▶ **Action item**: For the records below, count the lines containing the word "project" and reply with the number alone.

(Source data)
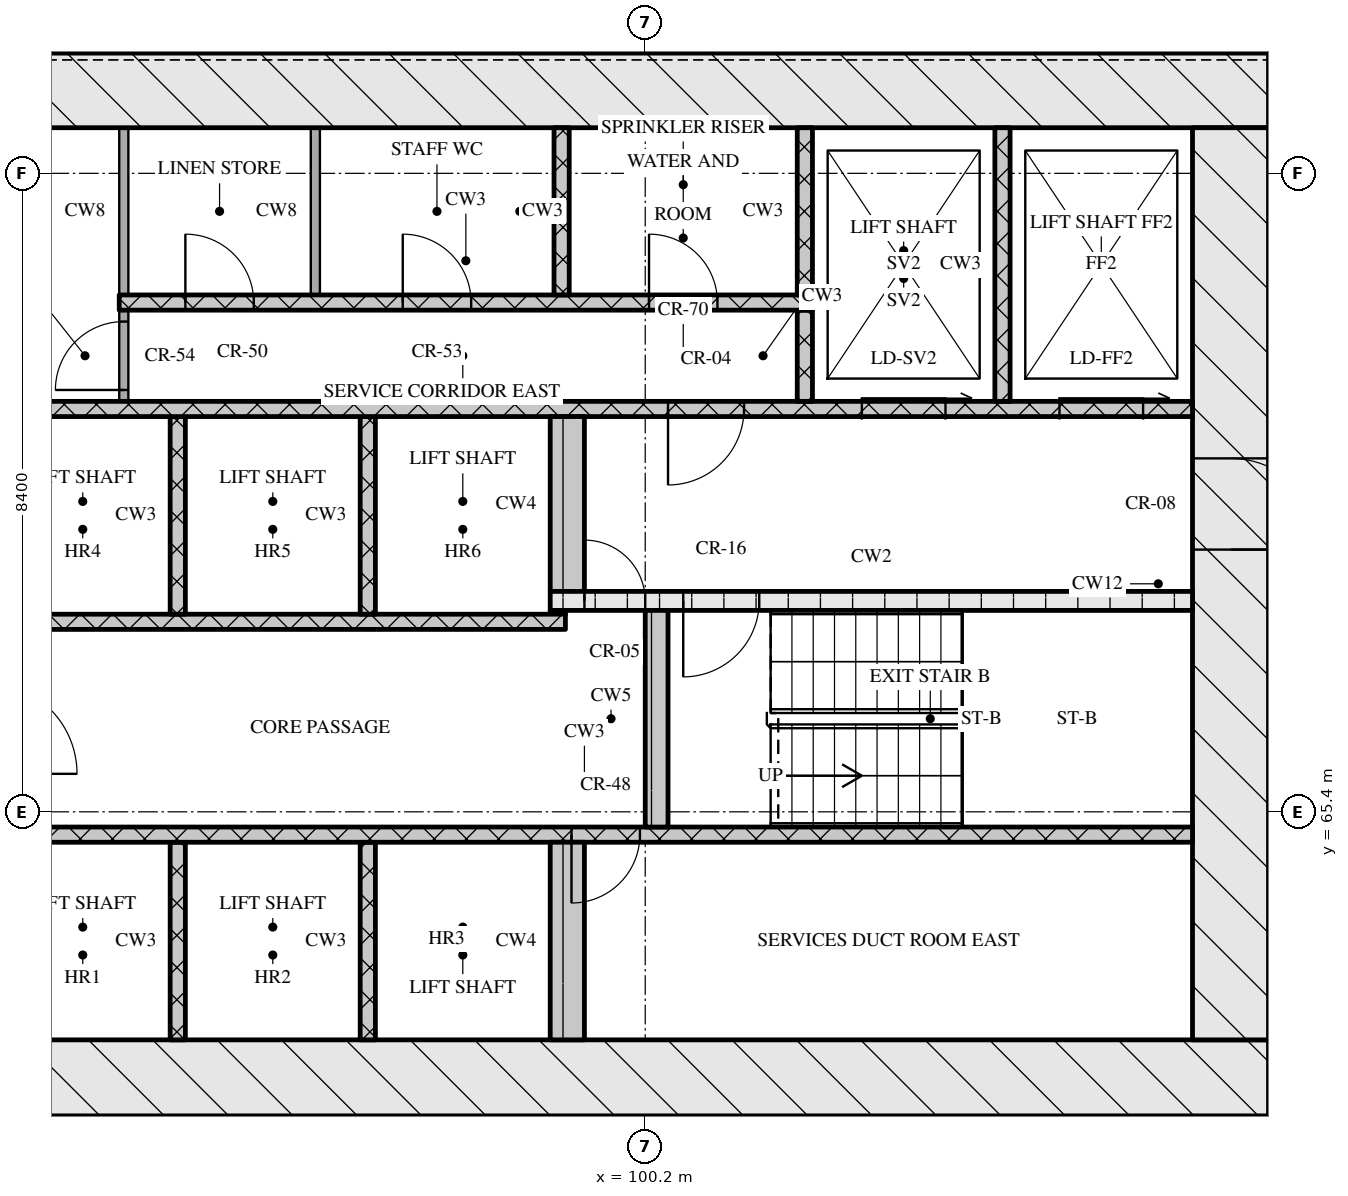
"""IFC4 building model, lengths in metres.
Left out: names, types, materials, properties, quantities, classifications, styles, units other than length and angle.
Written with IfcOpenShell. Run it as: python <this file> out.ifc"""

import sys

from ifc_helpers import new_model, si_unit, direction, frame, frame_2d, origin, place, context, subcontext, project, spatial, rectangle, extrude, element, fill, save


model = new_model("IFC4")
c1 = context("Model", 3, precision=1e-05, world=origin(), true_north=direction((0.0, 1.0)))
c2 = subcontext(c1, "Body", "Model", "MODEL_VIEW")
j1 = project(units=[si_unit("LENGTHUNIT", "METRE"), si_unit("PLANEANGLEUNIT", "RADIAN")], contexts=[c1])
p1 = place(None, origin())
s1 = spatial("IfcSite", under=j1, at=p1, CompositionType="ELEMENT")
p2 = place(p1, origin())
s2 = spatial("IfcBuilding", under=s1, at=p2, CompositionType="ELEMENT")
p3 = place(p2, frame((0.0, 0.0, 95.25)))
s3 = spatial("IfcBuildingStorey", under=s2, at=p3, CompositionType="ELEMENT", Elevation=95.25)
p4 = place(p3, frame((66.8, 61.9, 0.0), z_axis=(0.0, 0.0, 1.0), x_axis=(1.0, 0.0, 0.0)))
e1 = element("IfcWall", 1, at=p4, inside=s3, PredefinedType="SOLIDWALL", context=c2, shape_type="SweptSolid", body=[
    extrude(rectangle(XDim=41.6, YDim=1.0, at=frame_2d((20.8, 0.0))), origin(), (0.0, 0.0, 1.0), 3.32),
])
p5 = place(p4, frame((21.15, 0.0, 0.0)))
e2 = element("IfcOpeningElement", 2, at=p5, cuts=e1, PredefinedType="OPENING", context=c2, shape_type="SweptSolid", body=[
    extrude(rectangle(XDim=1.8, YDim=2.1, at=frame_2d((0.9, 1.05))), frame((0.0, 0.51, 0.0), z_axis=(0.0, -1.0, 0.0), x_axis=(1.0, 0.0, 0.0)), (0.0, 0.0, 1.0), 1.02),
])
p6 = place(p3, frame((66.8, 74.9, 0.0), z_axis=(0.0, 0.0, 1.0), x_axis=(1.0, 0.0, 0.0)))
e3 = element("IfcWall", 3, at=p6, inside=s3, PredefinedType="SOLIDWALL", context=c2, shape_type="SweptSolid", body=[
    extrude(rectangle(XDim=41.6, YDim=1.0, at=frame_2d((20.8, 0.0))), origin(), (0.0, 0.0, 1.0), 3.32),
])
p7 = place(p3, frame((107.9, 62.4, 0.0), z_axis=(0.0, 0.0, 1.0), x_axis=(0.0, 1.0, 0.0)))
e4 = element("IfcWall", 4, at=p7, inside=s3, PredefinedType="SOLIDWALL", context=c2, shape_type="SweptSolid", body=[
    extrude(rectangle(XDim=12.0, YDim=1.0, at=frame_2d((6.0, 0.0))), origin(), (0.0, 0.0, 1.0), 3.32),
])
p8 = place(p7, frame((6.45, 0.0, 0.0)))
e5 = element("IfcOpeningElement", 5, at=p8, cuts=e4, PredefinedType="OPENING", context=c2, shape_type="SweptSolid", body=[
    extrude(rectangle(XDim=1.2, YDim=2.1, at=frame_2d((0.6, 1.05))), frame((0.0, 0.51, 0.0), z_axis=(0.0, -1.0, 0.0), x_axis=(1.0, 0.0, 0.0)), (0.0, 0.0, 1.0), 1.02),
])
for number, where, z_axis, x_axis in (
    (6, (94.05, 62.4, 0.0), (0.0, 0.0, 1.0), (0.0, 1.0, 0.0)),
    (7, (96.55, 62.4, 0.0), (0.0, 0.0, 1.0), (0.0, 1.0, 0.0)),
):
    element("IfcWall", number, at=place(p3, frame(where, z_axis=z_axis, x_axis=x_axis)), inside=s3, PredefinedType="SOLIDWALL", context=c2, shape_type="SweptSolid", body=[
        extrude(rectangle(XDim=2.6, YDim=0.2, at=frame_2d((1.3, 0.0))), origin(), (0.0, 0.0, 1.0), 3.32),
    ])
p9 = place(p3, frame((99.175, 62.4, 0.0), z_axis=(0.0, 0.0, 1.0), x_axis=(0.0, 1.0, 0.0)))
e8 = element("IfcWall", 8, at=p9, inside=s3, PredefinedType="SOLIDWALL", context=c2, shape_type="SweptSolid", body=[
    extrude(rectangle(XDim=2.6, YDim=0.45, at=frame_2d((1.3, 0.0))), origin(), (0.0, 0.0, 1.0), 3.32),
])
p10 = place(p3, frame((91.4, 65.1, 0.0), z_axis=(0.0, 0.0, 1.0), x_axis=(1.0, 0.0, 0.0)))
e9 = element("IfcWall", 9, at=p10, inside=s3, PredefinedType="SOLIDWALL", context=c2, shape_type="SweptSolid", body=[
    extrude(rectangle(XDim=16.0, YDim=0.2, at=frame_2d((8.0, 0.0))), origin(), (0.0, 0.0, 1.0), 3.32),
])
p11 = place(p10, frame((7.83, 0.0, 0.0)))
e10 = element("IfcOpeningElement", 10, at=p11, cuts=e9, PredefinedType="OPENING", context=c2, shape_type="SweptSolid", body=[
    extrude(rectangle(XDim=0.9, YDim=2.1, at=frame_2d((0.45, 1.05))), frame((0.0, 0.11, 0.0), z_axis=(0.0, -1.0, 0.0), x_axis=(1.0, 0.0, 0.0)), (0.0, 0.0, 1.0), 0.22),
])
p12 = place(p3, frame((100.35, 65.2, 0.0), z_axis=(0.0, 0.0, 1.0), x_axis=(0.0, 1.0, 0.0)))
e11 = element("IfcWall", 11, at=p12, inside=s3, PredefinedType="SOLIDWALL", context=c2, shape_type="SweptSolid", body=[
    extrude(rectangle(XDim=2.85, YDim=0.3, at=frame_2d((1.425, 0.0))), origin(), (0.0, 0.0, 1.0), 3.32),
])
p13 = place(p3, frame((76.05, 67.9, 0.0), z_axis=(0.0, 0.0, 1.0), x_axis=(1.0, 0.0, 0.0)))
e12 = element("IfcWall", 12, at=p13, inside=s3, PredefinedType="SOLIDWALL", context=c2, shape_type="SweptSolid", body=[
    extrude(rectangle(XDim=23.1, YDim=0.2, at=frame_2d((11.55, 0.0))), origin(), (0.0, 0.0, 1.0), 3.32),
])
p14 = place(p13, frame((0.6, 0.0, 0.0)))
e13 = element("IfcOpeningElement", 13, at=p14, cuts=e12, PredefinedType="OPENING", context=c2, shape_type="SweptSolid", body=[
    extrude(rectangle(XDim=1.1, YDim=2.1, at=frame_2d((0.55, 1.05))), frame((0.0, 0.11, 0.0), z_axis=(0.0, -1.0, 0.0), x_axis=(1.0, 0.0, 0.0)), (0.0, 0.0, 1.0), 0.22),
])
p15 = place(p13, frame((3.1, 0.0, 0.0)))
e14 = element("IfcOpeningElement", 14, at=p15, cuts=e12, PredefinedType="OPENING", context=c2, shape_type="SweptSolid", body=[
    extrude(rectangle(XDim=1.1, YDim=2.1, at=frame_2d((0.55, 1.05))), frame((0.0, 0.11, 0.0), z_axis=(0.0, -1.0, 0.0), x_axis=(1.0, 0.0, 0.0)), (0.0, 0.0, 1.0), 0.22),
])
p16 = place(p13, frame((5.6, 0.0, 0.0)))
e15 = element("IfcOpeningElement", 15, at=p16, cuts=e12, PredefinedType="OPENING", context=c2, shape_type="SweptSolid", body=[
    extrude(rectangle(XDim=1.1, YDim=2.1, at=frame_2d((0.55, 1.05))), frame((0.0, 0.11, 0.0), z_axis=(0.0, -1.0, 0.0), x_axis=(1.0, 0.0, 0.0)), (0.0, 0.0, 1.0), 0.22),
])
p17 = place(p13, frame((8.45, 0.0, 0.0)))
e16 = element("IfcOpeningElement", 16, at=p17, cuts=e12, PredefinedType="OPENING", context=c2, shape_type="SweptSolid", body=[
    extrude(rectangle(XDim=0.9, YDim=2.1, at=frame_2d((0.45, 1.05))), frame((0.0, 0.11, 0.0), z_axis=(0.0, -1.0, 0.0), x_axis=(1.0, 0.0, 0.0)), (0.0, 0.0, 1.0), 0.22),
])
p18 = place(p13, frame((10.91, 0.0, 0.0)))
e17 = element("IfcOpeningElement", 17, at=p18, cuts=e12, PredefinedType="OPENING", context=c2, shape_type="SweptSolid", body=[
    extrude(rectangle(XDim=0.9, YDim=2.1, at=frame_2d((0.45, 1.05))), frame((0.0, 0.11, 0.0), z_axis=(0.0, -1.0, 0.0), x_axis=(1.0, 0.0, 0.0)), (0.0, 0.0, 1.0), 0.22),
])
p19 = place(p13, frame((13.55, 0.0, 0.0)))
e18 = element("IfcOpeningElement", 18, at=p19, cuts=e12, PredefinedType="OPENING", context=c2, shape_type="SweptSolid", body=[
    extrude(rectangle(XDim=1.0, YDim=2.1, at=frame_2d((0.5, 1.05))), frame((0.0, 0.11, 0.0), z_axis=(0.0, -1.0, 0.0), x_axis=(1.0, 0.0, 0.0)), (0.0, 0.0, 1.0), 0.22),
])
for number, where, z_axis, x_axis in (
    (19, (94.05, 68.0, 0.0), (0.0, 0.0, 1.0), (0.0, 1.0, 0.0)),
    (20, (96.55, 68.0, 0.0), (0.0, 0.0, 1.0), (0.0, 1.0, 0.0)),
):
    element("IfcWall", number, at=place(p3, frame(where, z_axis=z_axis, x_axis=x_axis)), inside=s3, PredefinedType="SOLIDWALL", context=c2, shape_type="SweptSolid", body=[
        extrude(rectangle(XDim=2.6, YDim=0.2, at=frame_2d((1.3, 0.0))), origin(), (0.0, 0.0, 1.0), 3.32),
    ])
p20 = place(p3, frame((98.95, 68.025, 0.0), z_axis=(0.0, 0.0, 1.0), x_axis=(1.0, 0.0, 0.0)))
e21 = element("IfcWall", 21, at=p20, inside=s3, PredefinedType="SOLIDWALL", context=c2, shape_type="SweptSolid", body=[
    extrude(rectangle(XDim=0.2, YDim=0.05, at=frame_2d((0.1, 0.0))), origin(), (0.0, 0.0, 1.0), 3.32),
])
p21 = place(p3, frame((98.95, 68.175, 0.0), z_axis=(0.0, 0.0, 1.0), x_axis=(1.0, 0.0, 0.0)))
e22 = element("IfcWall", 22, at=p21, inside=s3, PredefinedType="SOLIDWALL", context=c2, shape_type="SweptSolid", body=[
    extrude(rectangle(XDim=8.45, YDim=0.25, at=frame_2d((4.225, 0.0))), origin(), (0.0, 0.0, 1.0), 3.32),
])
p22 = place(p21, frame((0.45, 0.0, 0.0)))
e23 = element("IfcOpeningElement", 23, at=p22, cuts=e22, PredefinedType="OPENING", context=c2, shape_type="SweptSolid", body=[
    extrude(rectangle(XDim=0.8, YDim=2.1, at=frame_2d((0.4, 1.05))), frame((0.0, 0.135, 0.0), z_axis=(0.0, -1.0, 0.0), x_axis=(1.0, 0.0, 0.0)), (0.0, 0.0, 1.0), 0.27),
])
p23 = place(p21, frame((1.75, 0.0, 0.0)))
e24 = element("IfcOpeningElement", 24, at=p23, cuts=e22, PredefinedType="OPENING", context=c2, shape_type="SweptSolid", body=[
    extrude(rectangle(XDim=1.0, YDim=2.1, at=frame_2d((0.5, 1.05))), frame((0.0, 0.135, 0.0), z_axis=(0.0, -1.0, 0.0), x_axis=(1.0, 0.0, 0.0)), (0.0, 0.0, 1.0), 0.27),
])
p24 = place(p3, frame((99.175, 68.3, 0.0), z_axis=(0.0, 0.0, 1.0), x_axis=(0.0, 1.0, 0.0)))
e25 = element("IfcWall", 25, at=p24, inside=s3, PredefinedType="SOLIDWALL", context=c2, shape_type="SweptSolid", body=[
    extrude(rectangle(XDim=2.3, YDim=0.45, at=frame_2d((1.15, 0.0))), origin(), (0.0, 0.0, 1.0), 3.32),
])
p25 = place(p3, frame((67.8, 70.7, 0.0), z_axis=(0.0, 0.0, 1.0), x_axis=(1.0, 0.0, 0.0)))
e26 = element("IfcWall", 26, at=p25, inside=s3, PredefinedType="SOLIDWALL", context=c2, shape_type="SweptSolid", body=[
    extrude(rectangle(XDim=39.6, YDim=0.2, at=frame_2d((19.8, 0.0))), origin(), (0.0, 0.0, 1.0), 3.32),
])
p26 = place(p25, frame((0.65, 0.0, 0.0)))
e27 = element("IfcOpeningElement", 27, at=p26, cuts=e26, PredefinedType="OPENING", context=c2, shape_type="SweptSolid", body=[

▶ **Written answer**: 2